_THE TASK_
When a line in the material contains the word "layers", copy it.

_EXTRACTED RECORDS_
+ + + + + + +

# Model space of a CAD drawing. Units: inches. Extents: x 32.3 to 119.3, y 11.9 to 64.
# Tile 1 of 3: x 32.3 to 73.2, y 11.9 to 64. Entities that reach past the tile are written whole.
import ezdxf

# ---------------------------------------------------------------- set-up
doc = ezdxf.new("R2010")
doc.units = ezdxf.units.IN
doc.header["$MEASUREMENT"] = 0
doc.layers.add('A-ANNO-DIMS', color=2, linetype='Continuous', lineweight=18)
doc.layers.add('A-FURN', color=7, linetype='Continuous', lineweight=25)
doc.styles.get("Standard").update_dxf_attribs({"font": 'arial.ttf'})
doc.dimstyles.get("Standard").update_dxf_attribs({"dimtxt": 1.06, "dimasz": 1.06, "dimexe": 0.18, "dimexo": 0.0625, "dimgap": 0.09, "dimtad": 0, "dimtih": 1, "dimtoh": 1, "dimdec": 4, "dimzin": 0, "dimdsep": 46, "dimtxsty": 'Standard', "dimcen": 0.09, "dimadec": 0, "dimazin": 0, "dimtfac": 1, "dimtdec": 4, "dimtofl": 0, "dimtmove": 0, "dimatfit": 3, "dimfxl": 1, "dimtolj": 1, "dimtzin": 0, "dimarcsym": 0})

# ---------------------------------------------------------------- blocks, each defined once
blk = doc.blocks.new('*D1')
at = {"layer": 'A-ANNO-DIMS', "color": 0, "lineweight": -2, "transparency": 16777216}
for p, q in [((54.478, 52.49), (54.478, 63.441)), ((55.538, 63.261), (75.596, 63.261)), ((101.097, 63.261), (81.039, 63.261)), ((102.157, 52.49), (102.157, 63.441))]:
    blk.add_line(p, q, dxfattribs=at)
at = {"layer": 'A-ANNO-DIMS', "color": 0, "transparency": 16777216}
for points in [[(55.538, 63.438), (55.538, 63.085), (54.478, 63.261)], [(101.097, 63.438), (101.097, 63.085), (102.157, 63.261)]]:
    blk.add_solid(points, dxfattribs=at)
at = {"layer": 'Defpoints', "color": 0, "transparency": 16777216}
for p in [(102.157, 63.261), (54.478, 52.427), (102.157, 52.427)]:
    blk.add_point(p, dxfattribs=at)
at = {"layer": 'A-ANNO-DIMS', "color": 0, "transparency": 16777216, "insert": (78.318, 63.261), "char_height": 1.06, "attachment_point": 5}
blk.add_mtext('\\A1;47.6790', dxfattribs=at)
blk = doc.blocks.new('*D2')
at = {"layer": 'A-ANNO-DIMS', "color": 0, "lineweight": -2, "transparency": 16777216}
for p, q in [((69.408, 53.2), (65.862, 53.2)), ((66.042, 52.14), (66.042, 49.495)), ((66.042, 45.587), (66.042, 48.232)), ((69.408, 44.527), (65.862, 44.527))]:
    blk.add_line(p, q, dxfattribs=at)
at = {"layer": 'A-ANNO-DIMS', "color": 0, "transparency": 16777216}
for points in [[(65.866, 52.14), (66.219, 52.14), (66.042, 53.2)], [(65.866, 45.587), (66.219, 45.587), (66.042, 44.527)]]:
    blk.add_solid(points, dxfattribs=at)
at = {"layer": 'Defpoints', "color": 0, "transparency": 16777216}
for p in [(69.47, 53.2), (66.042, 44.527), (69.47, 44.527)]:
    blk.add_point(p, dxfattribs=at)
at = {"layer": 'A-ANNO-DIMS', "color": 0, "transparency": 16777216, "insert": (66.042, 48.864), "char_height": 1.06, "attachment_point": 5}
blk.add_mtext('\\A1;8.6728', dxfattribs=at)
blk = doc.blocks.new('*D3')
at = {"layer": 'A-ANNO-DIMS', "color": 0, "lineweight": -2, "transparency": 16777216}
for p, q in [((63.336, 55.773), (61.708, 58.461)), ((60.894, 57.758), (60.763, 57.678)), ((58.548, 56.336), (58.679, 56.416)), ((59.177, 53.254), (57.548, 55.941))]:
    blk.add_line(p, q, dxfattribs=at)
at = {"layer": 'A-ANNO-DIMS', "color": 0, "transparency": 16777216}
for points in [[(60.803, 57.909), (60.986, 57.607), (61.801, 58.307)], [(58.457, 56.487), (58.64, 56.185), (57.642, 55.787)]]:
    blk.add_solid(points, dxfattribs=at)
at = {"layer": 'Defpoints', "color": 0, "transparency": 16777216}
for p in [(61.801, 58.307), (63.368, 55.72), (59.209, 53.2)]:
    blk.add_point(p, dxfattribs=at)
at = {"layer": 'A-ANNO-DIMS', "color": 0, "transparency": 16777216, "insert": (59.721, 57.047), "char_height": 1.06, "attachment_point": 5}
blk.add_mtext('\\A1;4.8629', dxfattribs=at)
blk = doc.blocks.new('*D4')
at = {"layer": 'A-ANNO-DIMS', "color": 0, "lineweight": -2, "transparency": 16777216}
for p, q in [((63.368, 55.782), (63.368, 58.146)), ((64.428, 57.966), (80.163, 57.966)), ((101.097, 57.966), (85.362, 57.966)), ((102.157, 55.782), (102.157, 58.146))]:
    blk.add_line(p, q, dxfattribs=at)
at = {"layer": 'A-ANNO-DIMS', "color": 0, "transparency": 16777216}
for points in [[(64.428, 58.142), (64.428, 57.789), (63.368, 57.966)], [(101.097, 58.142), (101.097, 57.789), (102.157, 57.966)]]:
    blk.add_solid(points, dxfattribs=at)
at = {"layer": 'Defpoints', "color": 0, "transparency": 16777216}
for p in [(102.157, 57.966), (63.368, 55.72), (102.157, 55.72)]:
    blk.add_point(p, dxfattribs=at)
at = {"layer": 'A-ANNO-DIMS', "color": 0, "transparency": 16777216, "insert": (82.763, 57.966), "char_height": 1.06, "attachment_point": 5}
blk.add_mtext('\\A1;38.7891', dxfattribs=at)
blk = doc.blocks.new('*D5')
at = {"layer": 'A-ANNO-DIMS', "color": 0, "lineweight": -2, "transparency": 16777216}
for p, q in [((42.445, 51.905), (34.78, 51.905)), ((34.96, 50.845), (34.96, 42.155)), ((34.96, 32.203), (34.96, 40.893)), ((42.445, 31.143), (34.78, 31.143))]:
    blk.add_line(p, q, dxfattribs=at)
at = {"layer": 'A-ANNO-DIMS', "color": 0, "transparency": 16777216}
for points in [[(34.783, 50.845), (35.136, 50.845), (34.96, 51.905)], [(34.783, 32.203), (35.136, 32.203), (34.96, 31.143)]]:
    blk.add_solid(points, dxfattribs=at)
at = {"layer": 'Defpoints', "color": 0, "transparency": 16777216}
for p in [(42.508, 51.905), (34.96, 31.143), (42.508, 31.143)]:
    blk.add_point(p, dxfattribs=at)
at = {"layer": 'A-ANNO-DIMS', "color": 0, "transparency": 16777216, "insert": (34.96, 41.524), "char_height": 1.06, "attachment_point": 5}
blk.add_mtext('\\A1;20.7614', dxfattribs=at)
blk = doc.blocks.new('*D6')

+ + + + + + +

_EXERCISE OUTPUT_
doc.layers.add('A-ANNO-DIMS', color=2, linetype='Continuous', lineweight=18)
doc.layers.add('A-FURN', color=7, linetype='Continuous', lineweight=25)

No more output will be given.